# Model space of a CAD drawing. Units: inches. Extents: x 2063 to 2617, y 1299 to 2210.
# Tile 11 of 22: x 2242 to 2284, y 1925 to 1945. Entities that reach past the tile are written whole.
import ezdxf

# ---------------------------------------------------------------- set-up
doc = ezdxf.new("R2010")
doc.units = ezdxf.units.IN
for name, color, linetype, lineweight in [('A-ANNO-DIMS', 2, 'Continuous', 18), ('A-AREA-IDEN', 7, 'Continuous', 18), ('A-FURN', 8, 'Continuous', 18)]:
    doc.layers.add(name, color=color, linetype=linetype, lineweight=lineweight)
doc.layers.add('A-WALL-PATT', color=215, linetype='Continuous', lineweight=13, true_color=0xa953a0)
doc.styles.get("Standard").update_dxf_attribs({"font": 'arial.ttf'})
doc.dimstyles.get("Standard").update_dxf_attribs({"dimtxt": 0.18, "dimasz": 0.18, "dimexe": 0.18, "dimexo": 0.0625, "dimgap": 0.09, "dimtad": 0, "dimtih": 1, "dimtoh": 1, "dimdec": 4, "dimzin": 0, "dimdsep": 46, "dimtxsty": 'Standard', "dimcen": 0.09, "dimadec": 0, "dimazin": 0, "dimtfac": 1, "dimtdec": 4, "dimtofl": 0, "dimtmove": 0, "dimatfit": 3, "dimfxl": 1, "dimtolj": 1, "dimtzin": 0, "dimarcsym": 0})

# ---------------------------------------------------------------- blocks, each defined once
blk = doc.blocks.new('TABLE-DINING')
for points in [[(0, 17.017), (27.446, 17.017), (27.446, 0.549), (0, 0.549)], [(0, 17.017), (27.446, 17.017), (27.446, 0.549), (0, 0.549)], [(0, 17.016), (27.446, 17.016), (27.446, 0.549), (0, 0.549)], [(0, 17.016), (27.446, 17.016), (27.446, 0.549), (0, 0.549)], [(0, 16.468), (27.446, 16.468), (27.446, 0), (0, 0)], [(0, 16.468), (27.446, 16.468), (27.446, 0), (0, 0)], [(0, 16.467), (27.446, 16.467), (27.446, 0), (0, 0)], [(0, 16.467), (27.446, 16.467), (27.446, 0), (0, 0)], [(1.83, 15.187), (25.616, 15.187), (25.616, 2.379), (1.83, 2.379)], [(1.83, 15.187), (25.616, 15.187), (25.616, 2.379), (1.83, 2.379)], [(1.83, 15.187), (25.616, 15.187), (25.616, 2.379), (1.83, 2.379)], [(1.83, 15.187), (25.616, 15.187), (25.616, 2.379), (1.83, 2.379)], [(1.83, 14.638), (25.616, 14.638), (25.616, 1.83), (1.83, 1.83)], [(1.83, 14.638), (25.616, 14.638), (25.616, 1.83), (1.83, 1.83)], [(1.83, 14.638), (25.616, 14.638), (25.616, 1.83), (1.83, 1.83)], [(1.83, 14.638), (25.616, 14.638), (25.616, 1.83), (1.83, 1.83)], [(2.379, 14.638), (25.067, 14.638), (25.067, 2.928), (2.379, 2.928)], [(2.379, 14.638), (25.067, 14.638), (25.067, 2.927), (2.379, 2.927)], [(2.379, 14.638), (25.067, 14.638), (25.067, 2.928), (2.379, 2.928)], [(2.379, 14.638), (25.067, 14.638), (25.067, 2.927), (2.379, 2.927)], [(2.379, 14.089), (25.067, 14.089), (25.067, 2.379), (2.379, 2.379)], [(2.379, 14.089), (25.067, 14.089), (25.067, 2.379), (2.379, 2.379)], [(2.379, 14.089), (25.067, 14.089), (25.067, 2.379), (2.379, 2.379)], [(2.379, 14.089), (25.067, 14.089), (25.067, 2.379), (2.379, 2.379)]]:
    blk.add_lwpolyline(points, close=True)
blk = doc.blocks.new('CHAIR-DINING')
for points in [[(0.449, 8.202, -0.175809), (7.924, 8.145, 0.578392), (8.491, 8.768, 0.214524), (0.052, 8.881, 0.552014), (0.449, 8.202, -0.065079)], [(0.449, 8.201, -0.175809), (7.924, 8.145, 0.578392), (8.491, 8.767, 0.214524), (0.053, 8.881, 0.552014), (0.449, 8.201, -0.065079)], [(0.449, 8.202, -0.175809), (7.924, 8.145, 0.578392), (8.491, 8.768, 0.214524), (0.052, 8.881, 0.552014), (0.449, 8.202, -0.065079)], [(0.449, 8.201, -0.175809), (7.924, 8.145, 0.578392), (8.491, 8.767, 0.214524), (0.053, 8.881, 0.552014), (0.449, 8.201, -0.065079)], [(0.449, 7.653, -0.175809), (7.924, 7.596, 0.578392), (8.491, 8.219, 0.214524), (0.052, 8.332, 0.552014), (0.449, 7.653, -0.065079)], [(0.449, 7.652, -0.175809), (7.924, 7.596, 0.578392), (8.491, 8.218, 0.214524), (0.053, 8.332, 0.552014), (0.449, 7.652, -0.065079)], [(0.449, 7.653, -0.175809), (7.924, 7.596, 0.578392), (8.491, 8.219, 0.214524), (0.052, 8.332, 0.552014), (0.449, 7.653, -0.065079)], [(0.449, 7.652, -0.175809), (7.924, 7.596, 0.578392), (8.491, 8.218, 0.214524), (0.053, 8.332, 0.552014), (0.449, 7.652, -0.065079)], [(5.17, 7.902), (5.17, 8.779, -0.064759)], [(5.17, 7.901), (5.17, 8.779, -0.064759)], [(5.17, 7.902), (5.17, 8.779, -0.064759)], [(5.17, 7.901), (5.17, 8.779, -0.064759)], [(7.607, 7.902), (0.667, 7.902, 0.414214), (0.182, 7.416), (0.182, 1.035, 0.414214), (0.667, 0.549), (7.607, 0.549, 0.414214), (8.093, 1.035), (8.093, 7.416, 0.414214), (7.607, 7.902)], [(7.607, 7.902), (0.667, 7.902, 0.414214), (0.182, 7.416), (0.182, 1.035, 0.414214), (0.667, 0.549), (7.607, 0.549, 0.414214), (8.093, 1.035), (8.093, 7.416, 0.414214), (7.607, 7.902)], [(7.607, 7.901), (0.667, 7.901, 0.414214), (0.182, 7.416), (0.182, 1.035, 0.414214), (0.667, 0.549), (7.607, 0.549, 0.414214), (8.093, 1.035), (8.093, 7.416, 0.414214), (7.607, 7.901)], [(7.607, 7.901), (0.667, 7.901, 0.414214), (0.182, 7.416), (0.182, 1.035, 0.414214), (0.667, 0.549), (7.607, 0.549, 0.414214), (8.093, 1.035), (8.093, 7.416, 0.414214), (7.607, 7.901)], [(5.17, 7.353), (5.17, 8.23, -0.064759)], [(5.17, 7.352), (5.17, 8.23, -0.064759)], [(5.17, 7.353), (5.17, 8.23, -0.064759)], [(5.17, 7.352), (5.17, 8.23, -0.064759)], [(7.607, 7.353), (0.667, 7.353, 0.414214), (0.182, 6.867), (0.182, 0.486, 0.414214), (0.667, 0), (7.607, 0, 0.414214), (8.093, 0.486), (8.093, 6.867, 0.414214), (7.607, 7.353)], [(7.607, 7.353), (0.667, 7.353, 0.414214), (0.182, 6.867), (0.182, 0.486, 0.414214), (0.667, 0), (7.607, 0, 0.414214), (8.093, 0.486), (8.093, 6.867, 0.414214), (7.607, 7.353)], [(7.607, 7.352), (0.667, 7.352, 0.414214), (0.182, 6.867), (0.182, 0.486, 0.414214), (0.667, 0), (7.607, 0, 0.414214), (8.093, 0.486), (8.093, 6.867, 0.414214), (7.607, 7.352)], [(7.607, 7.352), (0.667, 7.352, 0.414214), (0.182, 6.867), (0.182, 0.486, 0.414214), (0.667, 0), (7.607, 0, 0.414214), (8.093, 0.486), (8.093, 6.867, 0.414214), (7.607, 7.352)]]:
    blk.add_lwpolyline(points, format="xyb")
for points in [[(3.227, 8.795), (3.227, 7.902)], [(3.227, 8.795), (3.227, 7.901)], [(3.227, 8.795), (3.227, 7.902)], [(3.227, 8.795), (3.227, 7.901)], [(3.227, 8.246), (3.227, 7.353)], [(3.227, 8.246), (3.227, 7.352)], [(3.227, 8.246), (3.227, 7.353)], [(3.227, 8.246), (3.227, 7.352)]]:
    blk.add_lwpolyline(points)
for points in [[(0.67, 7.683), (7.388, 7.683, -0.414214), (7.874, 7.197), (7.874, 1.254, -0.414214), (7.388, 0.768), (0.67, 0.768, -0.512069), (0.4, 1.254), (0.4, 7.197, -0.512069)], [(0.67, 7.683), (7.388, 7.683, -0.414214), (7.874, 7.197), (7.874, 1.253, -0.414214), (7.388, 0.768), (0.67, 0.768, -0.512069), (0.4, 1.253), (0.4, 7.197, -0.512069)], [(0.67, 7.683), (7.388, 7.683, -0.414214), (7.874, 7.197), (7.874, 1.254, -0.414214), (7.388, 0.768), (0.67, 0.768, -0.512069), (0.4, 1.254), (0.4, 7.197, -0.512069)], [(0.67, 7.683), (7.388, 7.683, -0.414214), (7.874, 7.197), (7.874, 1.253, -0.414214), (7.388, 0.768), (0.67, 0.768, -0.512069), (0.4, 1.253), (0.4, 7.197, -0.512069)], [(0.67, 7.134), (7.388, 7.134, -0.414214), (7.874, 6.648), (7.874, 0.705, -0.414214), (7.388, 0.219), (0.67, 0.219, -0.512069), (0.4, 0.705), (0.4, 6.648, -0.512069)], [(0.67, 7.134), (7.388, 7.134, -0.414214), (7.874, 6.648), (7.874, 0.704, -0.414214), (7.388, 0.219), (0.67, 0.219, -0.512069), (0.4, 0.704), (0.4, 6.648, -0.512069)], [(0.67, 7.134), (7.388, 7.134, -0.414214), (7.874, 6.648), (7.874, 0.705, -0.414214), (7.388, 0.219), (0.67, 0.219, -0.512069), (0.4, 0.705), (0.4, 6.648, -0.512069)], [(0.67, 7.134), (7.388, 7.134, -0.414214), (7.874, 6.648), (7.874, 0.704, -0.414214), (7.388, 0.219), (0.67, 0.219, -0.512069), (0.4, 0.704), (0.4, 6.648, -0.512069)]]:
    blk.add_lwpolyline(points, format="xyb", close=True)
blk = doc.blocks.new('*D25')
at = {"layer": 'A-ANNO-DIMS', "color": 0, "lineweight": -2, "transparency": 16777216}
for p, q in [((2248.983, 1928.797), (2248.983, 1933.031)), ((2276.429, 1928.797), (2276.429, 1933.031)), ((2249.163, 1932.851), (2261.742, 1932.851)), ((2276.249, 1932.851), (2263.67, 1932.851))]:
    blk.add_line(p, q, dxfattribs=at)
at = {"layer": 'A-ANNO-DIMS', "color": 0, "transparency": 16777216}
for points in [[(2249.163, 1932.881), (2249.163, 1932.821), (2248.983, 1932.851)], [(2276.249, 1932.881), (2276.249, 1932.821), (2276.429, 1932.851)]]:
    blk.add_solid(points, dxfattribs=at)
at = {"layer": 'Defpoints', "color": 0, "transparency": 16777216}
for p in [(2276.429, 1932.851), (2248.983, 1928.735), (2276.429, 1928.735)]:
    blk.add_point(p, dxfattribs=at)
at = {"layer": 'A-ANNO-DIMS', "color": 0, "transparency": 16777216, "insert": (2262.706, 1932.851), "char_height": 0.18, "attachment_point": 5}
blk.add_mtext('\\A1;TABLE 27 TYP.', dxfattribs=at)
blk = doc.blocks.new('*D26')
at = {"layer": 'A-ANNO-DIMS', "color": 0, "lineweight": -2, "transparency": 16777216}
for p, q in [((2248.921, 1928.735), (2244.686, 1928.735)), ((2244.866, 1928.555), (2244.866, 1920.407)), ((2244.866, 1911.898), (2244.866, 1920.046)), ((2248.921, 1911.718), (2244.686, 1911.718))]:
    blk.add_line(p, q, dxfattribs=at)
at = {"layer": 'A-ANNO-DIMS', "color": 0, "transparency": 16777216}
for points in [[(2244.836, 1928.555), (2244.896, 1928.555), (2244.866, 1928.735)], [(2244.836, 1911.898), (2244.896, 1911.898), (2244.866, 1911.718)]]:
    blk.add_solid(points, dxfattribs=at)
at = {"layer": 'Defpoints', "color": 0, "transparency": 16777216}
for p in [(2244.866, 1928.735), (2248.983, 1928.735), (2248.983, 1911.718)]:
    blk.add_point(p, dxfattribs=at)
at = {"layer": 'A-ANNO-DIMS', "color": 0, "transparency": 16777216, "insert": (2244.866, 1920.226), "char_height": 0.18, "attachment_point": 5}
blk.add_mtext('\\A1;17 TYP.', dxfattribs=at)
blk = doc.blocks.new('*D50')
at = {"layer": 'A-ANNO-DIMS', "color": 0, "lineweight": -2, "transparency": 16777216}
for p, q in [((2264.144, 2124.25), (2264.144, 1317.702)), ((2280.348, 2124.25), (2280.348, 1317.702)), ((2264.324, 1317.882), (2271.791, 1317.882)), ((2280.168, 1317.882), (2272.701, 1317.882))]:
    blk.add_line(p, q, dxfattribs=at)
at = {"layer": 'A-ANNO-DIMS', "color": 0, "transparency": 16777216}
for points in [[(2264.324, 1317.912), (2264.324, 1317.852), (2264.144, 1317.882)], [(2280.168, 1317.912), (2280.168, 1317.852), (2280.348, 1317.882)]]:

☆ ☆ ☆ ☆ ☆ ☆ ☆

Take the listing from its first line to the line containing "blk = doc.blocks.new('TABLE-DINING')". Reproduce those lines exactly and nothing else.

# Model space of a CAD drawing. Units: inches. Extents: x 2063 to 2617, y 1299 to 2210.
# Tile 11 of 22: x 2242 to 2284, y 1925 to 1945. Entities that reach past the tile are written whole.
import ezdxf

# ---------------------------------------------------------------- set-up
doc = ezdxf.new("R2010")
doc.units = ezdxf.units.IN
for name, color, linetype, lineweight in [('A-ANNO-DIMS', 2, 'Continuous', 18), ('A-AREA-IDEN', 7, 'Continuous', 18), ('A-FURN', 8, 'Continuous', 18)]:
    doc.layers.add(name, color=color, linetype=linetype, lineweight=lineweight)
doc.layers.add('A-WALL-PATT', color=215, linetype='Continuous', lineweight=13, true_color=0xa953a0)
doc.styles.get("Standard").update_dxf_attribs({"font": 'arial.ttf'})
doc.dimstyles.get("Standard").update_dxf_attribs({"dimtxt": 0.18, "dimasz": 0.18, "dimexe": 0.18, "dimexo": 0.0625, "dimgap": 0.09, "dimtad": 0, "dimtih": 1, "dimtoh": 1, "dimdec": 4, "dimzin": 0, "dimdsep": 46, "dimtxsty": 'Standard', "dimcen": 0.09, "dimadec": 0, "dimazin": 0, "dimtfac": 1, "dimtdec": 4, "dimtofl": 0, "dimtmove": 0, "dimatfit": 3, "dimfxl": 1, "dimtolj": 1, "dimtzin": 0, "dimarcsym": 0})

# ---------------------------------------------------------------- blocks, each defined once
blk = doc.blocks.new('TABLE-DINING')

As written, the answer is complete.